Work to be completed:
Using the data below, return the stretch from the line that contains "#108=CIRCLE('',#107,0.8957);" through the line that contains "#141=VECTOR('',#140,39.37);", both included, exactly as it stands and nothing beyond it.

Stored dataset items
== Segment start ==

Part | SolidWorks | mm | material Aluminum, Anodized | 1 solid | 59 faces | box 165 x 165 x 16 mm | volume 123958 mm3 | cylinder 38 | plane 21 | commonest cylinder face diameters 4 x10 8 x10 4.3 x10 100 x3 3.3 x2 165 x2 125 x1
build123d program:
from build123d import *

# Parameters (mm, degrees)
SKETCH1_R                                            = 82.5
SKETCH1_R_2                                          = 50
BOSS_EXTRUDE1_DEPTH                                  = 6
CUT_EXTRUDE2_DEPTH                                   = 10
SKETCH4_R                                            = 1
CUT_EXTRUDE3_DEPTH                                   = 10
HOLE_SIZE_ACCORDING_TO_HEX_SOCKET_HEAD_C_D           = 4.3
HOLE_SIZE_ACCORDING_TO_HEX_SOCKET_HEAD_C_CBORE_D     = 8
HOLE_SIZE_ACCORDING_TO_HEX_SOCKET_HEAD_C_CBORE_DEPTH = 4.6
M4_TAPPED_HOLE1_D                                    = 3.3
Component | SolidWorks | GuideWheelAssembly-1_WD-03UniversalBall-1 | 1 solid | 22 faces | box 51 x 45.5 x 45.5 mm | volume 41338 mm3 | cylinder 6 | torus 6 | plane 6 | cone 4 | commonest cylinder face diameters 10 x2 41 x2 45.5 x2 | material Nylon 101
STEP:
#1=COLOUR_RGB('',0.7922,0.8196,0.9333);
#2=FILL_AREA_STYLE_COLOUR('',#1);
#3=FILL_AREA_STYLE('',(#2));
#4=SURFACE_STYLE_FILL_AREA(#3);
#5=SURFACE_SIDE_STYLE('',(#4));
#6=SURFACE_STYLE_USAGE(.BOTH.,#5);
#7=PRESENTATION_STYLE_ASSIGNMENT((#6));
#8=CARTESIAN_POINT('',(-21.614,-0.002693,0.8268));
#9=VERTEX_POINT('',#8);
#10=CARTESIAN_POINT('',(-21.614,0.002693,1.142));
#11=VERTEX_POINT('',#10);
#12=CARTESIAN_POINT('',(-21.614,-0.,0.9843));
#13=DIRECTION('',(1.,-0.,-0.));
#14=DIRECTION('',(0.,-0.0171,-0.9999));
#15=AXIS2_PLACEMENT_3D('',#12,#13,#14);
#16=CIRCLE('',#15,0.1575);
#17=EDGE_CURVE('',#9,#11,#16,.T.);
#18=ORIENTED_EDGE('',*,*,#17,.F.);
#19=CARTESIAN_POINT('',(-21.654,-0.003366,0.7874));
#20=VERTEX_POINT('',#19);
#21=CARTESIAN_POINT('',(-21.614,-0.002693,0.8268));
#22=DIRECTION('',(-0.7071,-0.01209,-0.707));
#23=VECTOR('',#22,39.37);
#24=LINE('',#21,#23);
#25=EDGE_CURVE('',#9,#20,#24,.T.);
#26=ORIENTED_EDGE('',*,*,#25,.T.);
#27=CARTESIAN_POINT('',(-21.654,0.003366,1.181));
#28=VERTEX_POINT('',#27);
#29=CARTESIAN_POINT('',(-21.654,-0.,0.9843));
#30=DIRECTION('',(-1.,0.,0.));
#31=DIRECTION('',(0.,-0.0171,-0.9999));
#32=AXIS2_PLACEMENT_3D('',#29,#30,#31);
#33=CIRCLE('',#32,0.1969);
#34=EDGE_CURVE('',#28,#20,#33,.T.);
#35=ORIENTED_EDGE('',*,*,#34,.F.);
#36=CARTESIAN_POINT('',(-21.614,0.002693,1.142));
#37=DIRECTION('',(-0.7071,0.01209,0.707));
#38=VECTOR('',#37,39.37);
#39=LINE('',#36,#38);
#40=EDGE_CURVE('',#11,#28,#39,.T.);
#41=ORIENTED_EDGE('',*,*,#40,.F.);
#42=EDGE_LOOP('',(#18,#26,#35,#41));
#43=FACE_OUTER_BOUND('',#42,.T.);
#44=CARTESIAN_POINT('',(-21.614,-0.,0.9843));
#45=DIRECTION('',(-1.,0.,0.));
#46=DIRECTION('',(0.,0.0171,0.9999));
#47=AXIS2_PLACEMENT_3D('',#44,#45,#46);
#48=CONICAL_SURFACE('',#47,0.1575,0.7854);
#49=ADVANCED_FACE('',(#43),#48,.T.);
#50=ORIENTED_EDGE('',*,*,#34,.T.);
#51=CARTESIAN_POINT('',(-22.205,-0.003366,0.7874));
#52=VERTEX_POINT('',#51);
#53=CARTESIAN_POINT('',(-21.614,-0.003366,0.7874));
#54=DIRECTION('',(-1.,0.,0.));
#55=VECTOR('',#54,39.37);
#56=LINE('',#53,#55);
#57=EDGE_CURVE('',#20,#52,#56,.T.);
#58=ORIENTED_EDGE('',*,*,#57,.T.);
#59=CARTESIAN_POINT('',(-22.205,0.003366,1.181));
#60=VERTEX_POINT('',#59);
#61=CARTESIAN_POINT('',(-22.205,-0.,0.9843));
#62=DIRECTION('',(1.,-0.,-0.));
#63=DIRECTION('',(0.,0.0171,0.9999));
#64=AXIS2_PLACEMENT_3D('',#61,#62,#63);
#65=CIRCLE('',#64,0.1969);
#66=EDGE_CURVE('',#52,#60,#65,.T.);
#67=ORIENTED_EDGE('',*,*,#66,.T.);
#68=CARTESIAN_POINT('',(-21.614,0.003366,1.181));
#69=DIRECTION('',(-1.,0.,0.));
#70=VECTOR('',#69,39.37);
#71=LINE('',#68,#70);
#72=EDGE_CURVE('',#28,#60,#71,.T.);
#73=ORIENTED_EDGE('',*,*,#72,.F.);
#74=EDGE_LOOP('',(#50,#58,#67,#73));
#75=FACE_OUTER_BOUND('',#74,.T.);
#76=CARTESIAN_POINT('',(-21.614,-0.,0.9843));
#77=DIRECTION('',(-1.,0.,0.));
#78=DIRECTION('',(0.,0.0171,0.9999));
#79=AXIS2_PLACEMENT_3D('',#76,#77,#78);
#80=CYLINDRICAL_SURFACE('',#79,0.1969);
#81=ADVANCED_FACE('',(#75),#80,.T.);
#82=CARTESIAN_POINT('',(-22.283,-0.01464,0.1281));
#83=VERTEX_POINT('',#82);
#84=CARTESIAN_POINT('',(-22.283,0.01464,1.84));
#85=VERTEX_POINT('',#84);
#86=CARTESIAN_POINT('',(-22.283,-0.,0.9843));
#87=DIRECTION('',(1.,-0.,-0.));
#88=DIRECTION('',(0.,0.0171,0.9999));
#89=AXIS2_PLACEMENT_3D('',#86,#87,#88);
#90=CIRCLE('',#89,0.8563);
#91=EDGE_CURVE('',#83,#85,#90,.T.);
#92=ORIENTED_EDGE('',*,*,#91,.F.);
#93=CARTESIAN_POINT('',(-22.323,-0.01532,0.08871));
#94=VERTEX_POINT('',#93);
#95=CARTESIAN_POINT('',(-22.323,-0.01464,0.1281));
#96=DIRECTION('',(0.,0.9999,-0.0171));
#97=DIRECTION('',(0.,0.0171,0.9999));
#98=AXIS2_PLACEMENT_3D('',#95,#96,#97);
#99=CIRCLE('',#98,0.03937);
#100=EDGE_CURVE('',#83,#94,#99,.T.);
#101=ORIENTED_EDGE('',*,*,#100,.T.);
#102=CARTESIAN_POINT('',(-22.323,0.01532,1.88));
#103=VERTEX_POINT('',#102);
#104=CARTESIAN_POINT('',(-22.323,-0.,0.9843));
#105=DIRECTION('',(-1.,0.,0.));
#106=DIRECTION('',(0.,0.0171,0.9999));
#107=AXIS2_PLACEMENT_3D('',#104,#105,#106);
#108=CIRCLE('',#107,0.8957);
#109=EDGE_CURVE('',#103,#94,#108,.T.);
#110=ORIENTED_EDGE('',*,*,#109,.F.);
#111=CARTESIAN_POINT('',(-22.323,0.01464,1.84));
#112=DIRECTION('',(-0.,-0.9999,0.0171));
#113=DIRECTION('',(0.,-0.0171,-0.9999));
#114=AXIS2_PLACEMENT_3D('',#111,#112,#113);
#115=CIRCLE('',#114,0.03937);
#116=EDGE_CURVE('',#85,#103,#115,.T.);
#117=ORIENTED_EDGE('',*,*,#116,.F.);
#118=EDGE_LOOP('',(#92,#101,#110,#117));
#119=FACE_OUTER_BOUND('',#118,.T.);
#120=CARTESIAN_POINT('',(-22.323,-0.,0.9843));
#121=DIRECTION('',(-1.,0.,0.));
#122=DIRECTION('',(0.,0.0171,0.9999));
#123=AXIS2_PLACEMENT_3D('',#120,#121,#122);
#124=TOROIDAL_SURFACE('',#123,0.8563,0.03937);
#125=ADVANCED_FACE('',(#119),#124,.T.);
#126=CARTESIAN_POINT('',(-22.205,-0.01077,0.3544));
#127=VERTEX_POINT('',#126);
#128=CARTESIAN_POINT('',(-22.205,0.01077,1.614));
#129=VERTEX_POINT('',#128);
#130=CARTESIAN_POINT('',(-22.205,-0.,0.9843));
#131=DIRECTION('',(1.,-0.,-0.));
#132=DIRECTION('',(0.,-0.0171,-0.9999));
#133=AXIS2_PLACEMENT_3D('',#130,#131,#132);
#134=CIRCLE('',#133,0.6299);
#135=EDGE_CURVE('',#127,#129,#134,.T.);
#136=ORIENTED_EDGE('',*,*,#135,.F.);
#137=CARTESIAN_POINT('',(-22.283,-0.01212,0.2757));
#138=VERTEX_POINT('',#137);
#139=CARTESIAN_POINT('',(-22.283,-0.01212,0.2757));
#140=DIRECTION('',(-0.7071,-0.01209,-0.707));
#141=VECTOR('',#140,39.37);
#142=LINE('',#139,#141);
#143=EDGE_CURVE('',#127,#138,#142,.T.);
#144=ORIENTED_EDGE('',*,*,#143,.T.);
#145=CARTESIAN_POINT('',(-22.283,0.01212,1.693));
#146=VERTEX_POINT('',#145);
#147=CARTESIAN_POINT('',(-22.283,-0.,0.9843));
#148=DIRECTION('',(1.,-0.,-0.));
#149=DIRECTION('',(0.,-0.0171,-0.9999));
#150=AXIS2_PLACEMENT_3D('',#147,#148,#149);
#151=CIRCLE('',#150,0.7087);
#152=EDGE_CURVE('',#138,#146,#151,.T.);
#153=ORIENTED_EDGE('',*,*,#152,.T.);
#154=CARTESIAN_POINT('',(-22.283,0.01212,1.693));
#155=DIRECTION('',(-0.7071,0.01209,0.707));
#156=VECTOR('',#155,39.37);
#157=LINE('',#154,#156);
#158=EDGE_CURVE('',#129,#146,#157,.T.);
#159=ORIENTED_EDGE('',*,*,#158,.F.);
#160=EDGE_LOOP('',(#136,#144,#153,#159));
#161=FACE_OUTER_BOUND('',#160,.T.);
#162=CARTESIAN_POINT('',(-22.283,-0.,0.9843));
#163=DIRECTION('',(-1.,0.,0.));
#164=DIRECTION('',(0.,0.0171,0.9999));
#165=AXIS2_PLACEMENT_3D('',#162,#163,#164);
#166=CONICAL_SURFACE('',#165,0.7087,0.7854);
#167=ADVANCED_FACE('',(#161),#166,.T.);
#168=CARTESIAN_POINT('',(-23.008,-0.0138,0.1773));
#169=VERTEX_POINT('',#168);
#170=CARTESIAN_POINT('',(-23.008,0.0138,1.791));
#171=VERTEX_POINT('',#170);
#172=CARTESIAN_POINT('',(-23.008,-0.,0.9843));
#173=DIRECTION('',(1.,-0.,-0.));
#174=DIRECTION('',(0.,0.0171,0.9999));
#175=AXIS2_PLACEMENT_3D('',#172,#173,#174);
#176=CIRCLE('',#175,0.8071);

== Segment end ==

Solution to the exercise:
#108=CIRCLE('',#107,0.8957);
#109=EDGE_CURVE('',#103,#94,#108,.T.);
#110=ORIENTED_EDGE('',*,*,#109,.F.);
#111=CARTESIAN_POINT('',(-22.323,0.01464,1.84));
#112=DIRECTION('',(-0.,-0.9999,0.0171));
#113=DIRECTION('',(0.,-0.0171,-0.9999));
#114=AXIS2_PLACEMENT_3D('',#111,#112,#113);
#115=CIRCLE('',#114,0.03937);
#116=EDGE_CURVE('',#85,#103,#115,.T.);
#117=ORIENTED_EDGE('',*,*,#116,.F.);
#118=EDGE_LOOP('',(#92,#101,#110,#117));
#119=FACE_OUTER_BOUND('',#118,.T.);
#120=CARTESIAN_POINT('',(-22.323,-0.,0.9843));
#121=DIRECTION('',(-1.,0.,0.));
#122=DIRECTION('',(0.,0.0171,0.9999));
#123=AXIS2_PLACEMENT_3D('',#120,#121,#122);
#124=TOROIDAL_SURFACE('',#123,0.8563,0.03937);
#125=ADVANCED_FACE('',(#119),#124,.T.);
#126=CARTESIAN_POINT('',(-22.205,-0.01077,0.3544));
#127=VERTEX_POINT('',#126);
#128=CARTESIAN_POINT('',(-22.205,0.01077,1.614));
#129=VERTEX_POINT('',#128);
#130=CARTESIAN_POINT('',(-22.205,-0.,0.9843));
#131=DIRECTION('',(1.,-0.,-0.));
#132=DIRECTION('',(0.,-0.0171,-0.9999));
#133=AXIS2_PLACEMENT_3D('',#130,#131,#132);
#134=CIRCLE('',#133,0.6299);
#135=EDGE_CURVE('',#127,#129,#134,.T.);
#136=ORIENTED_EDGE('',*,*,#135,.F.);
#137=CARTESIAN_POINT('',(-22.283,-0.01212,0.2757));
#138=VERTEX_POINT('',#137);
#139=CARTESIAN_POINT('',(-22.283,-0.01212,0.2757));
#140=DIRECTION('',(-0.7071,-0.01209,-0.707));
#141=VECTOR('',#140,39.37);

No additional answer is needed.